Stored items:
---------------
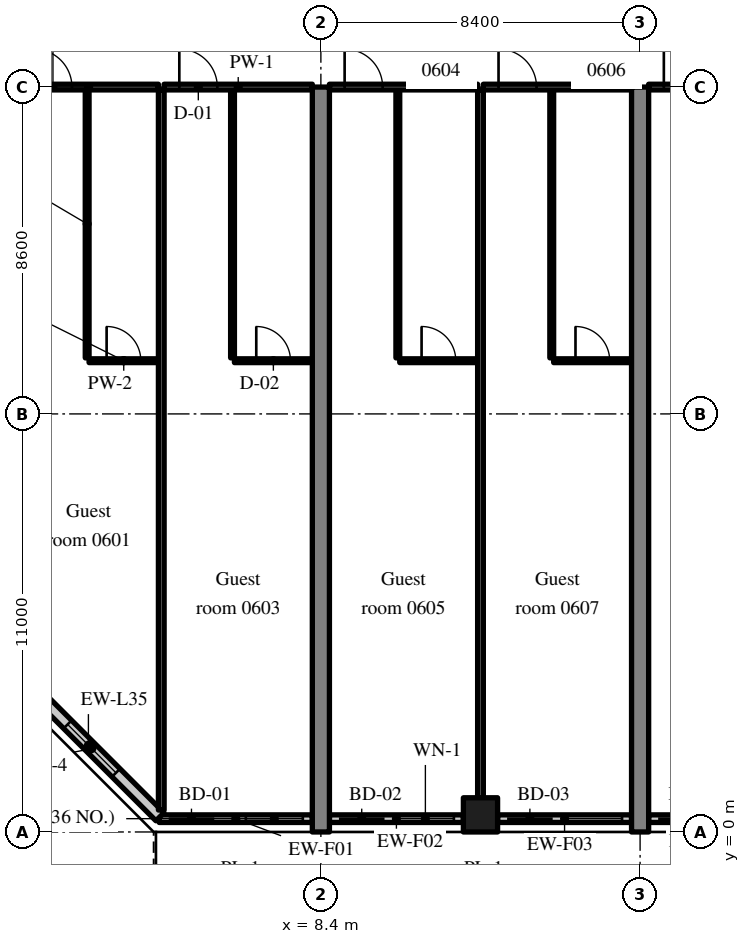
"""IFC4 building model, lengths in metres.
Left out: names, types, materials, properties, quantities, classifications, styles, units other than length and angle.
Written with IfcOpenShell. Run it as: python <this file> out.ifc"""

import sys

from ifc_helpers import new_model, si_unit, direction, frame, frame_2d, origin, origin_2d, place, context, subcontext, project, spatial, rectangle, extrude, source, transform, mapped, element, fill, save


model = new_model("IFC4")
c1 = context("Model", 3, precision=1e-05, world=origin(), true_north=direction((0.0, 1.0)))
c2 = subcontext(c1, "Body", "Model", "MODEL_VIEW")
j1 = project(units=[si_unit("LENGTHUNIT", "METRE"), si_unit("PLANEANGLEUNIT", "RADIAN")], contexts=[c1])
p1 = place(None, origin())
s1 = spatial("IfcSite", under=j1, at=p1, CompositionType="ELEMENT")
p2 = place(p1, origin())
s2 = spatial("IfcBuilding", under=s1, at=p2, CompositionType="ELEMENT")
p3 = place(p2, frame((0.0, 0.0, 31.6)))
s3 = spatial("IfcBuildingStorey", under=s2, at=p3, CompositionType="ELEMENT", Elevation=31.6)
m1 = source(origin(), c2, "Body", "SweptSolid", [
    extrude(rectangle(XDim=19.6, YDim=0.45, at=frame_2d((9.8, 0.0))), origin(), (0.0, 0.0, 1.0), 3.52),
])
for number, where, z_axis, x_axis in (
    (1, (8.4, 0.0, 0.0), (0.0, 0.0, 1.0), (0.0, 1.0, 0.0)),
    (2, (16.8, 0.0, 0.0), (0.0, 0.0, 1.0), (0.0, 1.0, 0.0)),
):
    element("IfcWall", number, at=place(p3, frame(where, z_axis=z_axis, x_axis=x_axis)), inside=s3, PredefinedType="SHEAR", context=c2, shape_type="MappedRepresentation", body=[
        mapped(m1, transform((0.0, 0.0, 0.0), scale=1.0)),
    ])
m2 = source(origin(), c2, "Body", "SweptSolid", [
    extrude(rectangle(XDim=0.9, YDim=0.9, at=origin_2d()), origin(), (0.0, 0.0, 1.0), 3.52),
])
p4 = place(p3, frame((12.6, 0.45, 0.0), z_axis=(0.0, 0.0, 1.0), x_axis=(1.0, 0.0, 0.0)))
e3 = element("IfcColumn", 3, at=p4, inside=s3, PredefinedType="COLUMN", context=c2, shape_type="MappedRepresentation", body=[
    mapped(m2, transform((0.0, 0.0, 0.0), scale=1.0)),
])
m3 = source(origin(), c2, "Body", "SweptSolid", [
    extrude(rectangle(XDim=4.03, YDim=0.2, at=frame_2d((2.015, 0.0))), origin(), (0.0, 0.0, 1.0), 2.77),
])
p5 = place(p3, frame((4.145, 0.35, 0.0), z_axis=(0.0, 0.0, 1.0), x_axis=(1.0, 0.0, 0.0)))
e4 = element("IfcWall", 4, at=p5, inside=s3, PredefinedType="SOLIDWALL", context=c2, shape_type="MappedRepresentation", body=[
    mapped(m3, transform((0.0, 0.0, 0.0), scale=1.0)),
])
m4 = source(origin(), c2, "Body", "SweptSolid", [
    extrude(rectangle(XDim=1.2, YDim=2.4, at=frame_2d((0.6, 1.2))), frame((0.0, 0.11, 0.0), z_axis=(0.0, -1.0, 0.0), x_axis=(1.0, 0.0, 0.0)), (0.0, 0.0, 1.0), 0.22),
])
p6 = place(p5, frame((0.25, 0.0, 0.0)))
e5 = element("IfcOpeningElement", 5, at=p6, cuts=e4, PredefinedType="OPENING", context=c2, shape_type="MappedRepresentation", body=[
    mapped(m4, transform((0.0, 0.0, 0.0), scale=1.0)),
])
m5 = source(origin(), c2, "Body", "SweptSolid", [
    extrude(rectangle(XDim=1.5, YDim=1.5, at=frame_2d((0.75, 0.75))), frame((0.0, 0.11, 0.0), z_axis=(0.0, -1.0, 0.0), x_axis=(1.0, 0.0, 0.0)), (0.0, 0.0, 1.0), 0.22),
])
p7 = place(p5, frame((2.28, 0.0, 0.9)))
e6 = element("IfcOpeningElement", 6, at=p7, cuts=e4, PredefinedType="OPENING", context=c2, shape_type="MappedRepresentation", body=[
    mapped(m5, transform((0.0, 0.0, 0.0), scale=1.0)),
])
m6 = source(origin(), c2, "Body", "SweptSolid", [
    extrude(rectangle(XDim=3.525, YDim=0.2, at=frame_2d((1.762, 0.0))), origin(), (0.0, 0.0, 1.0), 2.77),
])
p8 = place(p3, frame((8.625, 0.35, 0.0), z_axis=(0.0, 0.0, 1.0), x_axis=(1.0, 0.0, 0.0)))
e7 = element("IfcWall", 7, at=p8, inside=s3, PredefinedType="SOLIDWALL", context=c2, shape_type="MappedRepresentation", body=[
    mapped(m6, transform((0.0, 0.0, 0.0), scale=1.0)),
])
p9 = place(p8, frame((0.25, 0.0, 0.0)))
e8 = element("IfcOpeningElement", 8, at=p9, cuts=e7, PredefinedType="OPENING", context=c2, shape_type="MappedRepresentation", body=[
    mapped(m4, transform((0.0, 0.0, 0.0), scale=1.0)),
])
p10 = place(p8, frame((1.775, 0.0, 0.9)))
e9 = element("IfcOpeningElement", 9, at=p10, cuts=e7, PredefinedType="OPENING", context=c2, shape_type="MappedRepresentation", body=[
    mapped(m5, transform((0.0, 0.0, 0.0), scale=1.0)),
])
p11 = place(p3, frame((13.05, 0.35, 0.0), z_axis=(0.0, 0.0, 1.0), x_axis=(1.0, 0.0, 0.0)))
e10 = element("IfcWall", 10, at=p11, inside=s3, PredefinedType="SOLIDWALL", context=c2, shape_type="MappedRepresentation", body=[
    mapped(m6, transform((0.0, 0.0, 0.0), scale=1.0)),
])
p12 = place(p11, frame((0.25, 0.0, 0.0)))
e11 = element("IfcOpeningElement", 11, at=p12, cuts=e10, PredefinedType="OPENING", context=c2, shape_type="MappedRepresentation", body=[
    mapped(m4, transform((0.0, 0.0, 0.0), scale=1.0)),
])
p13 = place(p11, frame((1.775, 0.0, 0.9)))
e12 = element("IfcOpeningElement", 12, at=p13, cuts=e10, PredefinedType="OPENING", context=c2, shape_type="MappedRepresentation", body=[
    mapped(m5, transform((0.0, 0.0, 0.0), scale=1.0)),
])
m7 = source(origin(), c2, "Body", "SweptSolid", [
    extrude(rectangle(XDim=3.525, YDim=0.2, at=frame_2d((1.763, 0.0))), origin(), (0.0, 0.0, 1.0), 2.77),
])
p14 = place(p3, frame((17.025, 0.35, 0.0), z_axis=(0.0, 0.0, 1.0), x_axis=(1.0, 0.0, 0.0)))
e13 = element("IfcWall", 13, at=p14, inside=s3, PredefinedType="SOLIDWALL", context=c2, shape_type="MappedRepresentation", body=[
    mapped(m7, transform((0.0, 0.0, 0.0), scale=1.0)),
])
p15 = place(p14, frame((0.25, 0.0, 0.0)))
e14 = element("IfcOpeningElement", 14, at=p15, cuts=e13, PredefinedType="OPENING", context=c2, shape_type="MappedRepresentation", body=[
    mapped(m4, transform((0.0, 0.0, 0.0), scale=1.0)),
])
p16 = place(p14, frame((1.775, 0.0, 0.9)))
e15 = element("IfcOpeningElement", 15, at=p16, cuts=e13, PredefinedType="OPENING", context=c2, shape_type="MappedRepresentation", body=[
    mapped(m5, transform((0.0, 0.0, 0.0), scale=1.0)),
])
m8 = source(origin(), c2, "Body", "SweptSolid", [
    extrude(rectangle(XDim=5.326, YDim=0.3, at=frame_2d((2.663, 0.0))), origin(), (0.0, 0.0, 1.0), 3.52),
])
p17 = place(p3, frame((0.4, 4.166, 0.0), z_axis=(0.0, 0.0, 1.0), x_axis=(0.707106781187, -0.707106781187, 0.0)))
e16 = element("IfcWall", 16, at=p17, inside=s3, PredefinedType="SOLIDWALL", context=c2, shape_type="MappedRepresentation", body=[
    mapped(m8, transform((0.0, 0.0, 0.0), scale=1.0)),
])
m9 = source(origin(), c2, "Body", "SweptSolid", [
    extrude(rectangle(XDim=1.8, YDim=1.5, at=frame_2d((0.9, 0.75))), frame((0.0, 0.16, 0.0), z_axis=(0.0, -1.0, 0.0), x_axis=(1.0, 0.0, 0.0)), (0.0, 0.0, 1.0), 0.32),
])
p18 = place(p17, frame((1.889, 0.0, 0.9)))
e17 = element("IfcOpeningElement", 17, at=p18, cuts=e16, PredefinedType="OPENING", context=c2, shape_type="MappedRepresentation", body=[
    mapped(m9, transform((0.0, 0.0, 0.0), scale=1.0)),
])
m10 = source(origin(), c2, "Body", "SweptSolid", [
    extrude(rectangle(XDim=7.05, YDim=0.1, at=frame_2d((3.525, 0.0))), origin(), (0.0, 0.0, 1.0), 3.52),
])
p19 = place(p3, frame((2.25, 12.475, 0.0), z_axis=(0.0, 0.0, 1.0), x_axis=(0.0, 1.0, 0.0)))
e18 = element("IfcWall", 18, at=p19, inside=s3, PredefinedType="PARTITIONING", context=c2, shape_type="MappedRepresentation", body=[
    mapped(m10, transform((0.0, 0.0, 0.0), scale=1.0)),
])
m11 = source(origin(), c2, "Body", "SweptSolid", [
    extrude(rectangle(XDim=1.825, YDim=0.1, at=frame_2d((0.913, 0.0))), origin(), (0.0, 0.0, 1.0), 3.52),
])
p20 = place(p3, frame((2.3, 12.4, 0.0), z_axis=(0.0, 0.0, 1.0), x_axis=(1.0, 0.0, 0.0)))
e19 = element("IfcWall", 19, at=p20, inside=s3, PredefinedType="PARTITIONING", context=c2, shape_type="MappedRepresentation", body=[
    mapped(m11, transform((0.0, 0.0, 0.0), scale=1.0)),
])
m12 = source(origin(), c2, "Body", "SweptSolid", [
    extrude(rectangle(XDim=0.9, YDim=2.1, at=frame_2d((0.45, 1.05))), frame((0.0, 0.06, 0.0), z_axis=(0.0, -1.0, 0.0), x_axis=(1.0, 0.0, 0.0)), (0.0, 0.0, 1.0), 0.12),
])
p21 = place(p20, frame((0.462, 0.0, 0.0)))
e20 = element("IfcOpeningElement", 20, at=p21, cuts=e19, PredefinedType="OPENING", context=c2, shape_type="MappedRepresentation", body=[
    mapped(m12, transform((0.0, 0.0, 0.0), scale=1.0)),
])
m13 = source(origin(), c2, "Body", "SweptSolid", [
    extrude(rectangle(XDim=3.675, YDim=0.15, at=frame_2d((1.837, 0.0))), origin(), (0.0, 0.0, 1.0), 2.82),
])
p22 = place(p3, frame((0.45, 19.6, 0.0), z_axis=(0.0, 0.0, 1.0), x_axis=(1.0, 0.0, 0.0)))
e21 = element("IfcWall", 21, at=p22, inside=s3, PredefinedType="PARTITIONING", context=c2, shape_type="MappedRepresentation", body=[
    mapped(m13, transform((0.0, 0.0, 0.0), scale=1.0)),
])
m14 = source(origin(), c2, "Body", "SweptSolid", [
    extrude(rectangle(XDim=1.0, YDim=2.1, at=frame_2d((0.5, 1.05))), frame((0.0, 0.085, 0.0), z_axis=(0.0, -1.0, 0.0), x_axis=(1.0, 0.0, 0.0)), (0.0, 0.0, 1.0), 0.17),
])
p23 = place(p22, frame((0.4, 0.0, 0.0)))
e22 = element("IfcOpeningElement", 22, at=p23, cuts=e21, PredefinedType="OPENING", context=c2, shape_type="MappedRepresentation", body=[
    mapped(m14, transform((0.0, 0.0, 0.0), scale=1.0)),
])
p24 = place(p3, frame((6.075, 12.475, 0.0), z_axis=(0.0, 0.0, 1.0), x_axis=(0.0, 1.0, 0.0)))
e23 = element("IfcWall", 23, at=p24, inside=s3, PredefinedType="PARTITIONING", context=c2, shape_type="MappedRepresentation", body=[
    mapped(m10, transform((0.0, 0.0, 0.0), scale=1.0)),
])
m15 = source(origin(), c2, "Body", "SweptSolid", [
    extrude(rectangle(XDim=2.05, YDim=0.1, at=frame_2d((1.025, 0.0))), origin(), (0.0, 0.0, 1.0), 3.52),
])
p25 = place(p3, frame((6.125, 12.4, 0.0), z_axis=(0.0, 0.0, 1.0), x_axis=(1.0, 0.0, 0.0)))
e24 = element("IfcWall", 24, at=p25, inside=s3, PredefinedType="PARTITIONING", context=c2, shape_type="MappedRepresentation", body=[
    mapped(m15, transform((0.0, 0.0, 0.0), scale=1.0)),
])
p26 = place(p25, frame((0.575, 0.0, 0.0)))
e25 = element("IfcOpeningElement", 25, at=p26, cuts=e24, PredefinedType="OPENING", context=c2, shape_type="MappedRepresentation", body=[
    mapped(m12, transform((0.0, 0.0, 0.0), scale=1.0)),
])
m16 = source(origin(), c2, "Body", "SweptSolid", [
    extrude(rectangle(XDim=3.9, YDim=0.15, at=frame_2d((1.95, 0.0))), origin(), (0.0, 0.0, 1.0), 2.82),
])
p27 = place(p3, frame((4.275, 19.6, 0.0), z_axis=(0.0, 0.0, 1.0), x_axis=(1.0, 0.0, 0.0)))
e26 = element("IfcWall", 26, at=p27, inside=s3, PredefinedType="PARTITIONING", context=c2, shape_type="MappedRepresentation", body=[
    mapped(m16, transform((0.0, 0.0, 0.0), scale=1.0)),
])
p28 = place(p27, frame((0.4, 0.0, 0.0)))
e27 = element("IfcOpeningElement", 27, at=p28, cuts=e26, PredefinedType="OPENING", context=c2, shape_type="MappedRepresentation", body=[
    mapped(m14, transform((0.0, 0.0, 0.0), scale=1.0)),
])
m17 = source(origin(), c2, "Body", "SweptSolid", [
    extrude(rectangle(XDim=18.947, YDim=0.15, at=frame_2d((9.474, 0.0))), origin(), (0.0, 0.0, 1.0), 3.52),
])
p29 = place(p3, frame((4.2, 0.578, 0.0), z_axis=(0.0, 0.0, 1.0), x_axis=(0.0, 1.0, 0.0)))
e28 = element("IfcWall", 28, at=p29, inside=s3, PredefinedType="PARTITIONING", context=c2, shape_type="MappedRepresentation", body=[
    mapped(m17, transform((0.0, 0.0, 0.0), scale=1.0)),
])
p30 = place(p3, frame((10.425, 12.475, 0.0), z_axis=(0.0, 0.0, 1.0), x_axis=(0.0, 1.0, 0.0)))
e29 = element("IfcWall", 29, at=p30, inside=s3, PredefinedType="PARTITIONING", context=c2, shape_type="MappedRepresentation", body=[
    mapped(m10, transform((0.0, 0.0, 0.0), scale=1.0)),
])
m18 = source(origin(), c2, "Body", "SweptSolid", [
    extrude(rectangle(XDim=2.05, YDim=0.1, at=frame_2d((1.025, 0.0))), origin(), (0.0, 0.0, 1.0), 3.52),
])
p31 = place(p3, frame((10.475, 12.4, 0.0), z_axis=(0.0, 0.0, 1.0), x_axis=(1.0, 0.0, 0.0)))
e30 = element("IfcWall", 30, at=p31, inside=s3, PredefinedType="PARTITIONING", context=c2, shape_type="MappedRepresentation", body=[
    mapped(m18, transform((0.0, 0.0, 0.0), scale=1.0)),
])
p32 = place(p31, frame((0.575, 0.0, 0.0)))
e31 = element("IfcOpeningElement", 31, at=p32, cuts=e30, PredefinedType="OPENING", context=c2, shape_type="MappedRepresentation", body=[
    mapped(m12, transform((0.0, 0.0, 0.0), scale=1.0)),
])
m19 = source(origin(), c2, "Body", "SweptSolid", [
    extrude(rectangle(XDim=3.9, YDim=0.15, at=frame_2d((1.95, 0.0))), origin(), (0.0, 0.0, 1.0), 2.82),
])
p33 = place(p3, frame((8.625, 19.6, 0.0), z_axis=(0.0, 0.0, 1.0), x_axis=(1.0, 0.0, 0.0)))
e32 = element("IfcWall", 32, at=p33, inside=s3, PredefinedType="PARTITIONING", context=c2, shape_type="MappedRepresentation", body=[
    mapped(m19, transform((0.0, 0.0, 0.0), scale=1.0)),
])
p34 = place(p33, frame((0.4, 0.0, 0.0)))
e33 = element("IfcOpeningElement", 33, at=p34, cuts=e32, PredefinedType="OPENING", context=c2, shape_type="MappedRepresentation", body=[
    mapped(m14, transform((0.0, 0.0, 0.0), scale=1.0)),
])
p35 = place(p3, frame((14.475, 12.475, 0.0), z_axis=(0.0, 0.0, 1.0), x_axis=(0.0, 1.0, 0.0)))
e34 = element("IfcWall", 34, at=p35, inside=s3, PredefinedType="PARTITIONING", context=c2, shape_type="MappedRepresentation", body=[
    mapped(m10, transform((0.0, 0.0, 0.0), scale=1.0)),
])
p36 = place(p3, frame((14.525, 12.4, 0.0), z_axis=(0.0, 0.0, 1.0), x_axis=(1.0, 0.0, 0.0)))
e35 = element("IfcWall", 35, at=p36, inside=s3, PredefinedType="PARTITIONING", context=c2, shape_type="MappedRepresentation", body=[
    mapped(m15, transform((0.0, 0.0, 0.0), scale=1.0)),
])
p37 = place(p36, frame((0.575, 0.0, 0.0)))
e36 = element("IfcOpeningElement", 36, at=p37, cuts=e35, PredefinedType="OPENING", context=c2, shape_type="MappedRepresentation", body=[
    mapped(m12, transform((0.0, 0.0, 0.0), scale=1.0)),
])
p38 = place(p3, frame((12.675, 19.6, 0.0), z_axis=(0.0, 0.0, 1.0), x_axis=(1.0, 0.0, 0.0)))
e37 = element("IfcWall", 37, at=p38, inside=s3, PredefinedType="PARTITIONING", context=c2, shape_type="MappedRepresentation", body=[
    mapped(m19, transform((0.0, 0.0, 0.0), scale=1.0)),
])
p39 = place(p38, frame((0.4, 0.0, 0.0)))
e38 = element("IfcOpeningElement", 38, at=p39, cuts=e37, PredefinedType="OPENING", context=c2, shape_type="MappedRepresentation", body=[
    mapped(m14, transform((0.0, 0.0, 0.0), scale=1.0)),
])
m20 = source(origin(), c2, "Body", "SweptSolid", [
    extrude(rectangle(XDim=18.625, YDim=0.15, at=frame_2d((9.312, 0.0))), origin(), (0.0, 0.0, 1.0), 3.52),
])
p40 = place(p3, frame((12.6, 0.9, 0.0), z_axis=(0.0, 0.0, 1.0), x_axis=(0.0, 1.0, 0.0)))
e39 = element("IfcWall", 39, at=p40, inside=s3, PredefinedType="PARTITIONING", context=c2, shape_type="MappedRepresentation", body=[
    mapped(m20, transform((0.0, 0.0, 0.0), scale=1.0)),
])
p41 = place(p3, frame((17.025, 19.6, 0.0), z_axis=(0.0, 0.0, 1.0), x_axis=(1.0, 0.0, 0.0)))
e40 = element("IfcWall", 40, at=p41, inside=s3, PredefinedType="PARTITIONING", context=c2, shape_type="MappedRepresentation", body=[
    mapped(m16, transform((0.0, 0.0, 0.0), scale=1.0)),
])
p42 = place(p41, frame((0.4, 0.0, 0.0)))
e41 = element("IfcOpeningElement", 41, at=p42, cuts=e40, PredefinedType="OPENING", context=c2, shape_type="MappedRepresentation", body=[
    mapped(m14, transform((0.0, 0.0, 0.0), scale=1.0)),
])
m21 = source(origin(), c2, "Body", "SweptSolid", [
    extrude(rectangle(XDim=1.2, YDim=2.4, at=frame_2d((0.6, 1.2))), frame((0.0, 0.025, 0.0), z_axis=(0.0, -1.0, 0.0), x_axis=(1.0, 0.0, 0.0)), (0.0, 0.0, 1.0), 0.05),
])
p43 = place(p6, origin())
e42 = element("IfcDoor", 42, at=p43, inside=s3, OperationType="SLIDING_TO_LEFT", PredefinedType="DOOR", context=c2, shape_type="MappedRepresentation", body=[
    mapped(m21, transform((0.0, 0.0, 0.0), scale=1.0)),
])
fill(e5, e42)
m22 = source(origin(), c2, "Body", "SweptSolid", [
    extrude(rectangle(XDim=1.5, YDim=1.5, at=frame_2d((0.75, 0.75))), frame((0.0, 0.03, 0.0), z_axis=(0.0, -1.0, 0.0), x_axis=(1.0, 0.0, 0.0)), (0.0, 0.0, 1.0), 0.06),
])
p44 = place(p7, origin())
e43 = element("IfcWindow", 43, at=p44, inside=s3, PartitioningType="SINGLE_PANEL", PredefinedType="WINDOW", context=c2, shape_type="MappedRepresentation", body=[
    mapped(m22, transform((0.0, 0.0, 0.0), scale=1.0)),
])
fill(e6, e43)
p45 = place(p9, origin())
e44 = element("IfcDoor", 44, at=p45, inside=s3, OperationType="SLIDING_TO_RIGHT", PredefinedType="DOOR", context=c2, shape_type="MappedRepresentation", body=[
    mapped(m21, transform((0.0, 0.0, 0.0), scale=1.0)),
])
fill(e8, e44)
p46 = place(p10, origin())
e45 = element("IfcWindow", 45, at=p46, inside=s3, PartitioningType="SINGLE_PANEL", PredefinedType="WINDOW", context=c2, shape_type="MappedRepresentation", body=[
    mapped(m22, transform((0.0, 0.0, 0.0), scale=1.0)),
])
fill(e9, e45)
p47 = place(p12, origin())
e46 = element("IfcDoor", 46, at=p47, inside=s3, OperationType="SLIDING_TO_LEFT", PredefinedType="DOOR", context=c2, shape_type="MappedRepresentation", body=[
    mapped(m21, transform((0.0, 0.0, 0.0), scale=1.0)),
])
fill(e11, e46)
p48 = place(p13, origin())
e47 = element("IfcWindow", 47, at=p48, inside=s3, PartitioningType="SINGLE_PANEL", PredefinedType="WINDOW", context=c2, shape_type="MappedRepresentation", body=[
    mapped(m22, transform((0.0, 0.0, 0.0), scale=1.0)),
])
fill(e12, e47)
p49 = place(p15, origin())
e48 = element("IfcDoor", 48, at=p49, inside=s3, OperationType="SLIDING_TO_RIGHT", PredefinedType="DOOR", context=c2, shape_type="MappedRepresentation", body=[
---------------
_What you have to do_
Check each line above for the word "units". Then state how many lines contain it, and nothing more.

_The answer_
2